(Data extracted from a collection)
[Start of section]

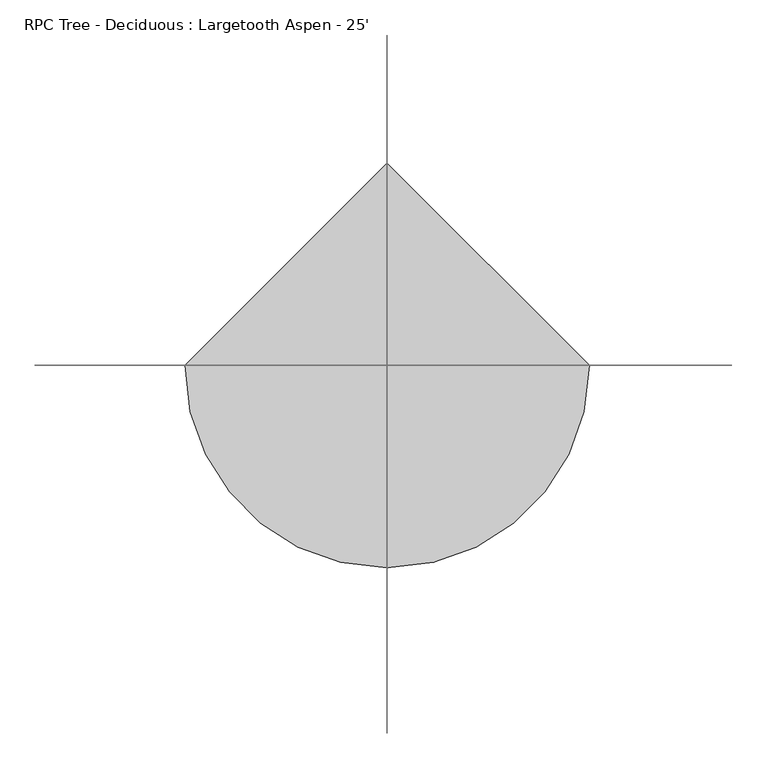
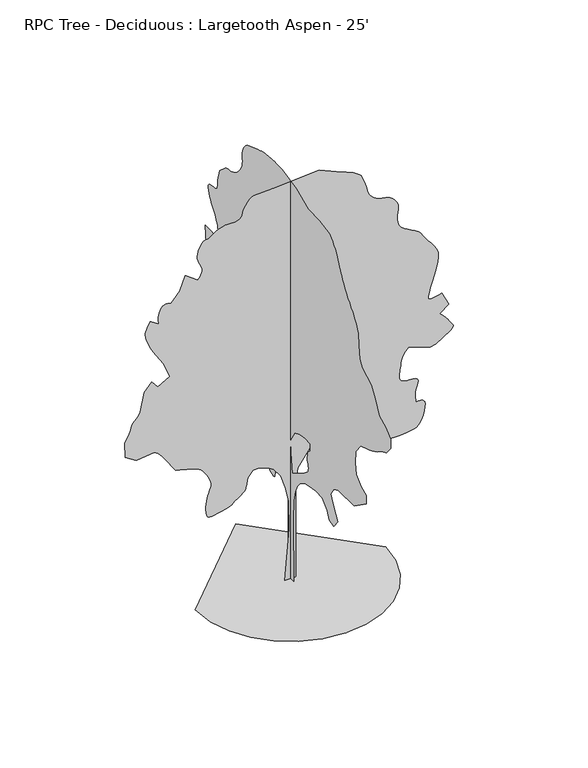
"""IFC4 building model written with IfcOpenShell, lengths in millimetres: geographic element geometry, RPC Tree - Deciduous : Largetooth Aspen - 25'."""

from ifc_helpers import new_model, si_unit, origin, place, context, project, spatial, triangles, source, transform, mapped, element, save


def rpc_tree_deciduous_largetooth_aspen_25_f6cd7aa4(model_context):
    return source(origin(), model_context, "Body", "Tessellation", [
        triangles([(93.1061447, 0.000407, 0.0055275), (-104.1894253, 0.000407, 0.0055275), (-22.9504001, 0.0003503, 951.6658939), (-34.5559031, 0.0003185, 1485.5251682), (-92.5836657, 0.0003019, 1764.061219), (-173.8237105, 0.0002874, 2007.7790462), (-301.4849952, 0.000277, 2181.8628971), (-405.9347789, 0.0002735, 2239.8916225), (-568.4133425, 0.0002701, 2297.9204933), (-684.470866, 0.0002701, 2297.9204933), (-765.710166, 0.000277, 2181.8628971), (-800.5284622, 0.000286, 2030.9895481), (-803.4037228, 0.000287, 2013.4305908), (-808.6158319, 0.0002881, 1994.9546837), (-818.4938627, 0.0002893, 1974.6550507), (-835.3797506, 0.0002907, 1951.6121258), (-861.6001705, 0.0002923, 1924.9168076), (-899.4969126, 0.0002942, 1893.6518555), (-951.4017385, 0.0002963, 1856.9058426), (-1000.9367964, 0.0002984, 1821.7851665), (-1035.041328, 0.0003, 1794.7824543), (-1061.0280413, 0.0003013, 1774.0764507), (-1086.2019407, 0.0003023, 1757.8357269), (-1117.8706472, 0.0003031, 1744.2340862), (-1163.3467958, 0.0003038, 1731.4425705), (-1229.9353912, 0.0003046, 1717.6377445), (-1303.2575146, 0.0003056, 1701.9735844), (-1364.6008633, 0.0003064, 1687.5234489), (-1414.7786144, 0.000307, 1678.356712), (-1454.6032185, 0.000307, 1678.5242889), (-1484.8875618, 0.0003062, 1692.0929375), (-1506.439444, 0.0003043, 1723.119096), (-1520.076693, 0.0003012, 1775.66647), (-1526.0305447, 0.0002975, 1838.229221), (-1525.0830734, 0.000294, 1896.7304466), (-1518.8575813, 0.0002907, 1951.3759483), (-1508.9769344, 0.0002877, 2002.3662952), (-1497.0669056, 0.0002848, 2049.9049633), (-1484.7505062, 0.0002822, 2094.1948471), (-1473.6532185, 0.0002797, 2135.4418934), (-1462.0149754, 0.0002776, 2171.5098953), (-1448.7511047, 0.0002758, 2202.2997311), (-1436.5031605, 0.000274, 2231.0600395), (-1427.9079002, 0.0002723, 2261.0397503), (-1425.6065872, 0.0002702, 2295.4845955), (-1432.2385952, 0.0002677, 2337.6435047), (-1450.4427166, 0.0002645, 2390.7649715), (-1477.2752357, 0.0002611, 2448.2171333), (-1507.353923, 0.000258, 2500.7976448), (-1539.6676483, 0.0002552, 2547.8968048), (-1573.1981598, 0.0002527, 2588.9178474), (-1606.9320019, 0.0002507, 2623.2079056), (-1639.8528122, 0.0002491, 2650.2080017), (-1670.950042, 0.0002479, 2669.3088707), (-1706.2051575, 0.000247, 2684.2184258), (-1751.2088058, 0.0002461, 2699.1535606), (-1804.330418, 0.0002453, 2714.0634064), (-1863.9491627, 0.0002444, 2728.9985413), (-1928.439703, 0.0002435, 2743.908387), (-1996.1788822, 0.0002426, 2758.8182327), (-2065.5412182, 0.0002417, 2773.7533676), (-2262.8354256, 0.0002244, 3063.8972855), (-2307.8392193, 0.0002208, 3124.7302002), (-2344.3134464, 0.0002181, 3169.7390808), (-2373.6809853, 0.0002162, 3201.539756), (-2397.3664581, 0.0002149, 3222.7742157), (-2416.7872204, 0.0002141, 3236.1091576), (-2433.3683304, 0.0002137, 3244.1609917), (-2448.5269981, 0.0002133, 3249.5711266), (-2773.4740242, 0.0002154, 3214.7732506), (-2970.7811668, 0.0002078, 3342.4334816), (-2982.3888885, 0.0001919, 3609.3616653), (-2960.1129227, 0.0001895, 3649.1127274), (-2938.5738304, 0.0001872, 3688.6606041), (-2918.4317459, 0.0001848, 3727.8273994), (-2900.4229614, 0.0001825, 3766.3590591), (-2885.2846413, 0.0001803, 3804.0779778), (-2873.6769196, 0.0001781, 3840.78097), (-2866.3363792, 0.000176, 3876.2901398), (-2854.8809738, 0.000174, 3909.843615), (-2833.1131165, 0.0001721, 3941.5934212), (-2804.8174599, 0.0001702, 3972.5051971), (-2773.8803947, 0.0001684, 4003.6457382), (-2744.1877304, 0.0001665, 4035.9798111), (-2719.5499901, 0.0001644, 4070.5745018), (-2703.8526924, 0.0001621, 4108.3951584), (-2634.2060715, 0.0001414, 4456.5779755), (-2494.950618, 0.0001324, 4607.4283607), (-2390.4982727, 0.00014, 4479.7681297), (-2169.9909473, 0.0001331, 4595.8459282), (-2286.0485435, 0.0001158, 4885.9645569), (-2471.7375, 9.85e-05, 5176.1084747), (-2494.0692764, 9.6e-05, 5217.3577011), (-2519.6494011, 9.3e-05, 5268.7673538), (-2546.0425575, 8.96e-05, 5326.2475662), (-2570.8076157, 8.6e-05, 5385.7596313), (-2591.5086777, 8.26e-05, 5443.2398438), (-2605.7325188, 7.95e-05, 5494.6494965), (-2611.0159172, 7.71e-05, 5535.8993042), (-2608.2980598, 7.5e-05, 5570.3669678), (-2600.7287544, 7.3e-05, 5604.2503647), (-2589.0701637, 7.1e-05, 5637.6006546), (-2574.1858978, 6.9e-05, 5670.544574), (-2556.863118, 6.71e-05, 5703.2088593), (-2537.9197975, 6.52e-05, 5735.6446701), (-2518.1611198, 6.32e-05, 5768.0037415), (-2367.2877708, 6.95e-05, 5663.5595352), (-2372.0934368, 6.75e-05, 5695.9697662), (-2375.8831764, 6.56e-05, 5728.8881058), (-2377.6407726, 6.35e-05, 5762.8226624), (-2376.3555313, 6.14e-05, 5798.2809631), (-2371.00891, 5.92e-05, 5835.7711166), (-2360.5873077, 5.68e-05, 5875.8018127), (-2344.077269, 5.42e-05, 5918.8799973), (-2322.4899239, 5.2e-05, 5956.5480469), (-2297.8569798, 5.05e-05, 5981.4145523), (-2270.6865452, 4.97e-05, 5995.6131042), (-2241.4867287, 4.93e-05, 6001.3028732), (-2210.7630226, 4.94e-05, 6000.5918701), (-2179.0257156, 4.97e-05, 5995.6131042), (-2146.7804455, 5.01e-05, 5988.501329), (-1995.9070965, 3.97e-05, 6162.5924469), (-1891.4573673, 2.45e-05, 6417.9129089), (-1670.950042, 3.42e-05, 6255.4298035), (-1648.8215961, 3.24e-05, 6285.3250717), (-1628.2145691, 3.06e-05, 6315.3988174), (-1610.6529957, 2.88e-05, 6345.8789337), (-1597.6609108, 2.69e-05, 6376.9683151), (-1590.7597332, 2.5e-05, 6408.8960175), (-1591.4684109, 2.31e-05, 6441.814357), (-1601.3160656, 2.1e-05, 6475.9523895), (-1617.3536041, 1.89e-05, 6510.877002), (-1634.407069, 1.68e-05, 6546.3864624), (-1650.6477928, 1.46e-05, 6583.140033), (-1664.2495789, 1.23e-05, 6621.7225616), (-1673.3859398, 9.9e-06, 6662.7183151), (-1676.2282082, 7.3e-06, 6706.761557), (-1670.950042, 4.4e-06, 6754.488295), (-1658.2957272, 1.5e-06, 6803.2306686), (-1640.7672913, -1.2e-06, 6848.9505524), (-1619.1798008, -3.6e-06, 6889.9968842), (-1594.3462875, -5.7e-06, 6924.7441818), (-1567.0742603, -7.3e-06, 6951.5663818), (-1538.1767509, -8.4e-06, 6968.8641632), (-1508.471442, -8.7e-06, 6974.9853012), (-1475.2102455, -9.2e-06, 6983.3417679), (-1435.6574272, -1.05e-05, 7004.9067307), (-1390.6206413, -1.23e-05, 7034.3706299), (-1340.9153904, -1.42e-05, 7066.4762283), (-1287.3545609, -1.59e-05, 7095.9401276), (-1230.7481323, -1.72e-05, 7117.504509), (-1171.9065931, -1.77e-05, 7125.861557), (-1111.9499331, -1.77e-05, 7125.5313446), (-1053.2124573, -1.77e-05, 7125.9882935), (-998.3307781, -1.79e-05, 7129.5188919), (-949.9463768, -1.85e-05, 7138.307309), (-910.695793, -1.94e-05, 7154.6138718), (-883.2205805, -2.1e-05, 7180.6744904), (-870.1599678, -2.32e-05, 7218.6983322), (-859.1973375, -2.62e-05, 7267.6691803), (-837.8816328, -2.94e-05, 7321.8984283), (-808.6488241, -3.27e-05, 7376.76194), (-773.9321205, -3.57e-05, 7427.5367477), (-736.1725794, -3.82e-05, 7469.5992966), (-697.8033371, -3.99e-05, 7498.2504547), (-661.2603642, -4.05e-05, 7508.8422501), (-324.6980224, -4.19e-05, 7532.0576935), (510.9103117, -4.54e-05, 7590.0965927), (928.7119898, -3.43e-05, 7404.3974625), (997.9725878, -3.27e-05, 7376.9148376), (1065.003162, -3.1e-05, 7348.7462082), (1127.5632969, -2.92e-05, 7319.1294113), (1183.4279829, -2.73e-05, 7287.4051849), (1230.3570225, -2.53e-05, 7252.8102036), (1266.1201012, -2.3e-05, 7214.6852051), (1288.4873405, -2.05e-05, 7172.2924438), (1303.3743679, -1.8e-05, 7130.6618454), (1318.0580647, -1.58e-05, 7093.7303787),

[End of section]

▶ **What the task asks**
Identify every line above with the string "origin" in it. Copy those lines.

▶ **Response to the exercise**
from ifc_helpers import new_model, si_unit, origin, place, context, project, spatial, triangles, source, transform, mapped, element, save
    return source(origin(), model_context, "Body", "Tessellation", [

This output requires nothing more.